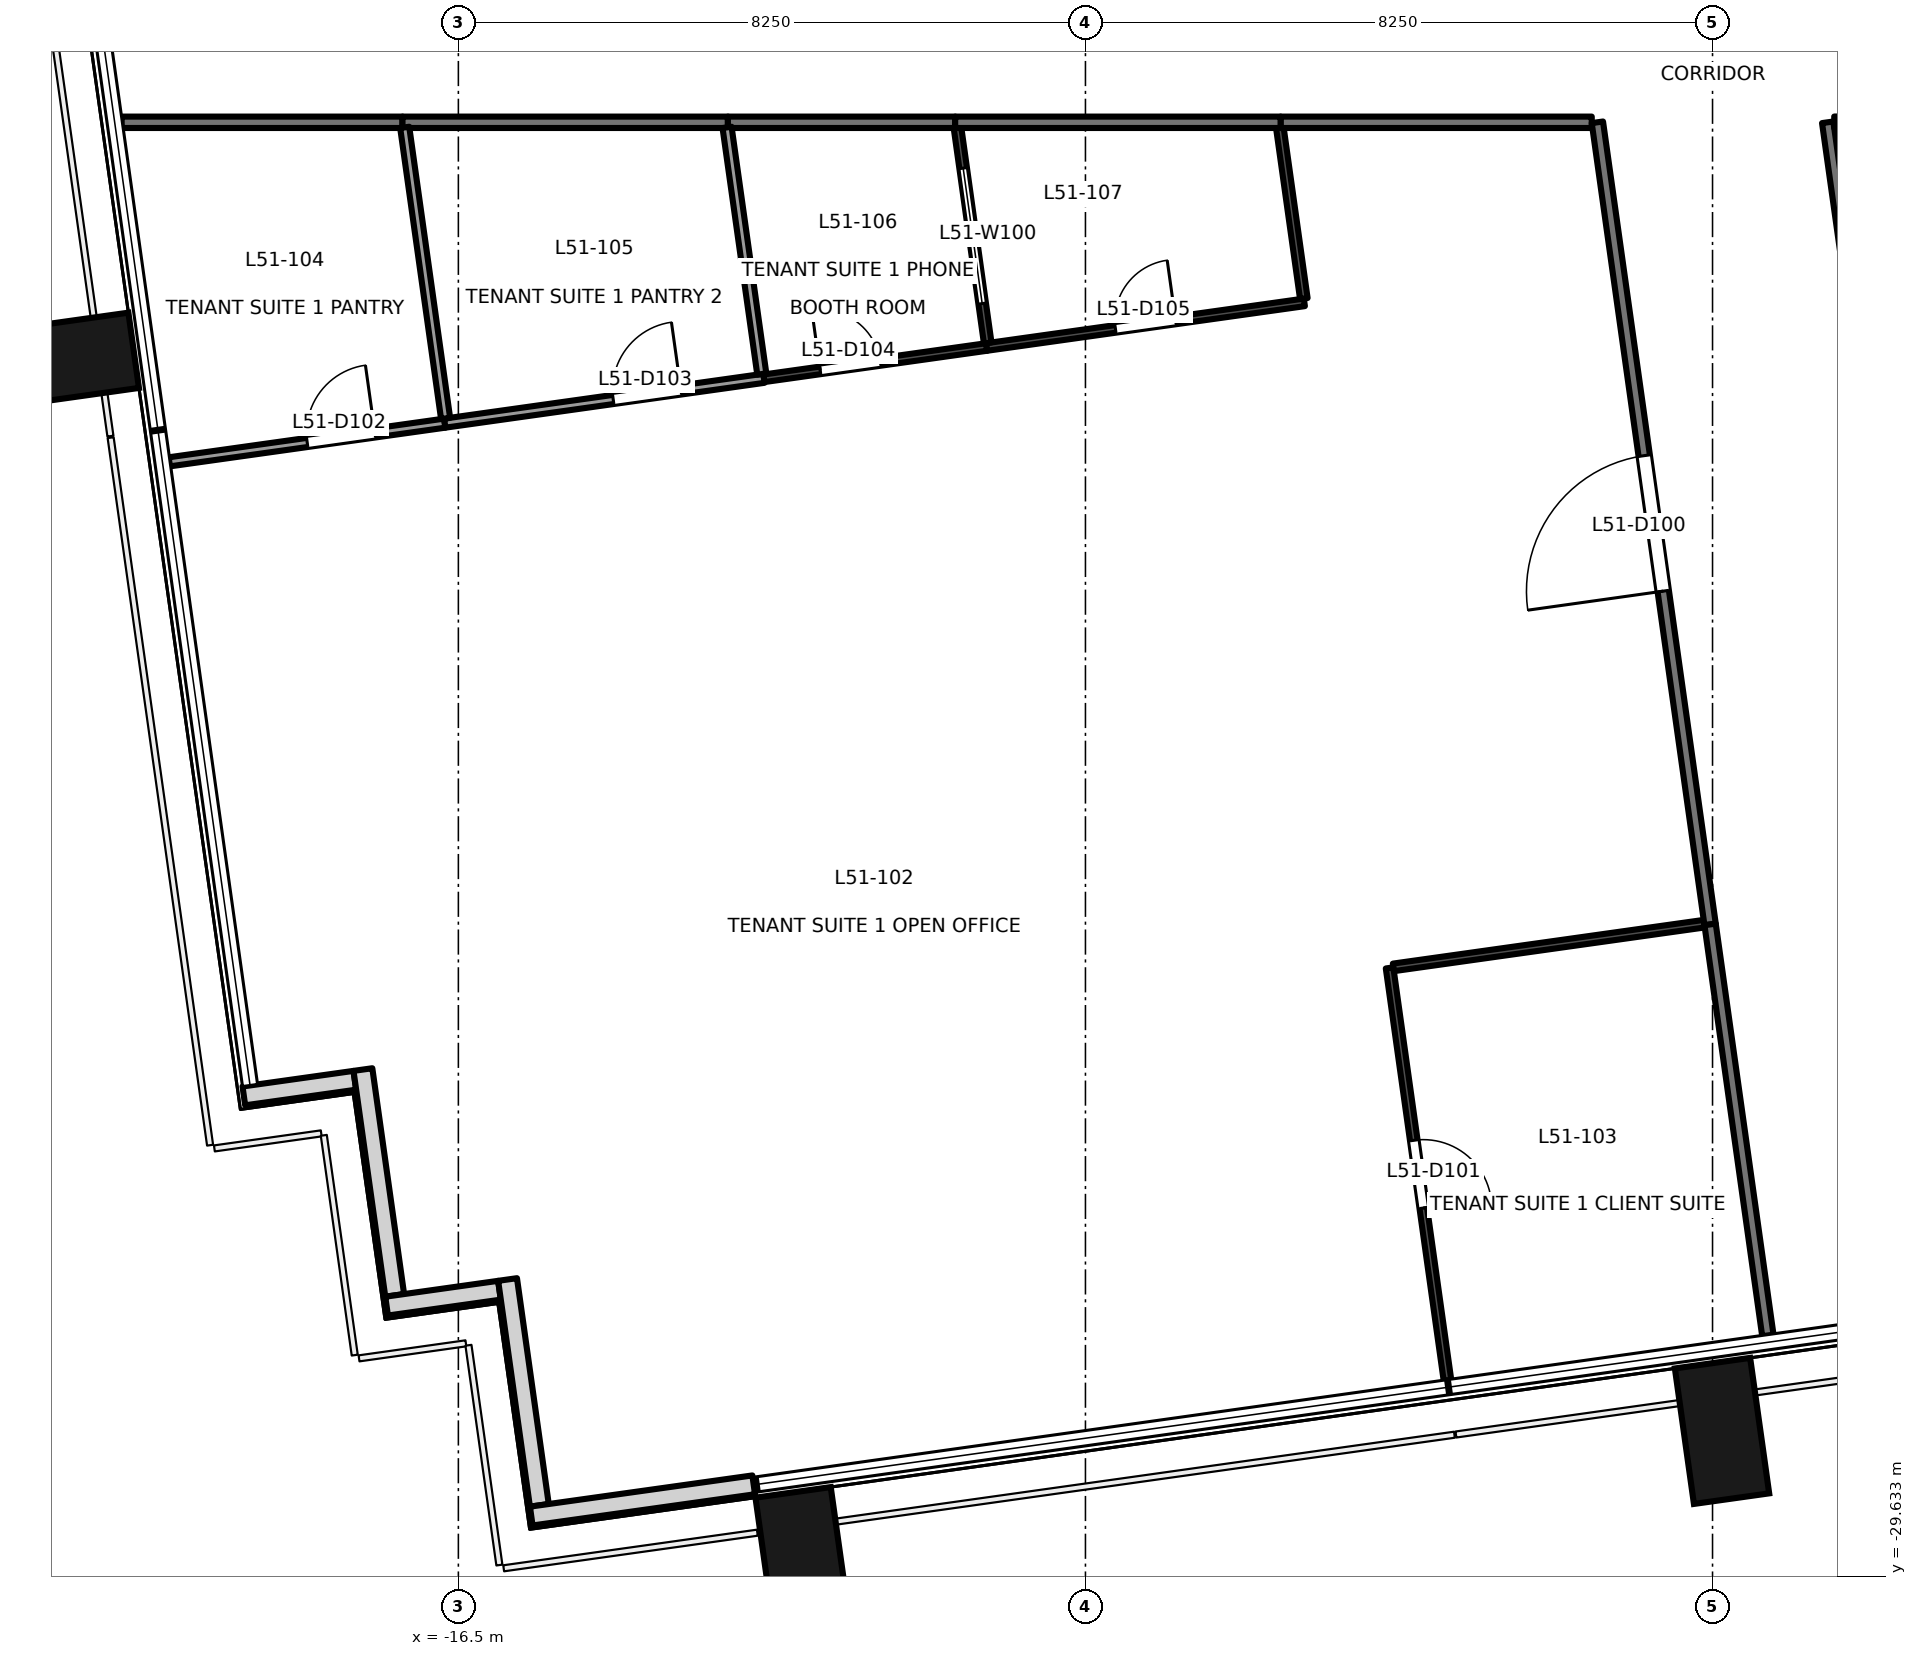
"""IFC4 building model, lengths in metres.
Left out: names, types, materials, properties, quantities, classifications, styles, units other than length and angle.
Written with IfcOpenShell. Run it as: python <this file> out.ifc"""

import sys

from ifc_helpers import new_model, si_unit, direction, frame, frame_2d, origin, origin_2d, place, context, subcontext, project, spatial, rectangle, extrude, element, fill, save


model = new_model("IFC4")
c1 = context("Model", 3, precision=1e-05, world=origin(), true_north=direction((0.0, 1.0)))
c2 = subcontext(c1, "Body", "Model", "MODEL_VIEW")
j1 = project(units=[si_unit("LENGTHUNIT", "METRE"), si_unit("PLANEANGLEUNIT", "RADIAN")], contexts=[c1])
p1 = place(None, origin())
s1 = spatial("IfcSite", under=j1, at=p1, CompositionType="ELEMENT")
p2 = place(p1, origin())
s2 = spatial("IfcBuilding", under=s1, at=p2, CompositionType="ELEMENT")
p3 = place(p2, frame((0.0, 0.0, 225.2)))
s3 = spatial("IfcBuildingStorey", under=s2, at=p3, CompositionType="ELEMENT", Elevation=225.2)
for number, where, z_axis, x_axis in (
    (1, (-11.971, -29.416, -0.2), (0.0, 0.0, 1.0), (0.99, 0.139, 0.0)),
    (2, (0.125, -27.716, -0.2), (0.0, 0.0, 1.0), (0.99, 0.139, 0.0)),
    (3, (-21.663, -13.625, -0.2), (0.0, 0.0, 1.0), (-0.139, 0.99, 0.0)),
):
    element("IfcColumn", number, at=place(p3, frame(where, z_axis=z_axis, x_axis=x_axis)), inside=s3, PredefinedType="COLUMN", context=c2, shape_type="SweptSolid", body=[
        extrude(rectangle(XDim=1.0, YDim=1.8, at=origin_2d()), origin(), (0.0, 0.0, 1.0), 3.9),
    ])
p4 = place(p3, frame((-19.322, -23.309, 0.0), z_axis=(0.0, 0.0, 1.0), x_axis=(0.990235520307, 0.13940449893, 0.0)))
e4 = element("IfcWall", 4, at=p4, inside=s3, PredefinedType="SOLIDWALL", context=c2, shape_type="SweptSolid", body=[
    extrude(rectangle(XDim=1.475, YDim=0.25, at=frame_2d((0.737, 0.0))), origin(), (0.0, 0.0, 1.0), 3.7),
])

## ASSIGNED TASK:
Please print each record above again exactly, but omit any pictures.

## RESULT FOR THIS EXERCISE:
"""IFC4 building model, lengths in metres.
Left out: names, types, materials, properties, quantities, classifications, styles, units other than length and angle.
Written with IfcOpenShell. Run it as: python <this file> out.ifc"""

import sys

from ifc_helpers import new_model, si_unit, direction, frame, frame_2d, origin, origin_2d, place, context, subcontext, project, spatial, rectangle, extrude, element, fill, save


model = new_model("IFC4")
c1 = context("Model", 3, precision=1e-05, world=origin(), true_north=direction((0.0, 1.0)))
c2 = subcontext(c1, "Body", "Model", "MODEL_VIEW")
j1 = project(units=[si_unit("LENGTHUNIT", "METRE"), si_unit("PLANEANGLEUNIT", "RADIAN")], contexts=[c1])
p1 = place(None, origin())
s1 = spatial("IfcSite", under=j1, at=p1, CompositionType="ELEMENT")
p2 = place(p1, origin())
s2 = spatial("IfcBuilding", under=s1, at=p2, CompositionType="ELEMENT")
p3 = place(p2, frame((0.0, 0.0, 225.2)))
s3 = spatial("IfcBuildingStorey", under=s2, at=p3, CompositionType="ELEMENT", Elevation=225.2)
for number, where, z_axis, x_axis in (
    (1, (-11.971, -29.416, -0.2), (0.0, 0.0, 1.0), (0.99, 0.139, 0.0)),
    (2, (0.125, -27.716, -0.2), (0.0, 0.0, 1.0), (0.99, 0.139, 0.0)),
    (3, (-21.663, -13.625, -0.2), (0.0, 0.0, 1.0), (-0.139, 0.99, 0.0)),
):
    element("IfcColumn", number, at=place(p3, frame(where, z_axis=z_axis, x_axis=x_axis)), inside=s3, PredefinedType="COLUMN", context=c2, shape_type="SweptSolid", body=[
        extrude(rectangle(XDim=1.0, YDim=1.8, at=origin_2d()), origin(), (0.0, 0.0, 1.0), 3.9),
    ])
p4 = place(p3, frame((-19.322, -23.309, 0.0), z_axis=(0.0, 0.0, 1.0), x_axis=(0.990235520307, 0.13940449893, 0.0)))
e4 = element("IfcWall", 4, at=p4, inside=s3, PredefinedType="SOLIDWALL", context=c2, shape_type="SweptSolid", body=[
    extrude(rectangle(XDim=1.475, YDim=0.25, at=frame_2d((0.737, 0.0))), origin(), (0.0, 0.0, 1.0), 3.7),
])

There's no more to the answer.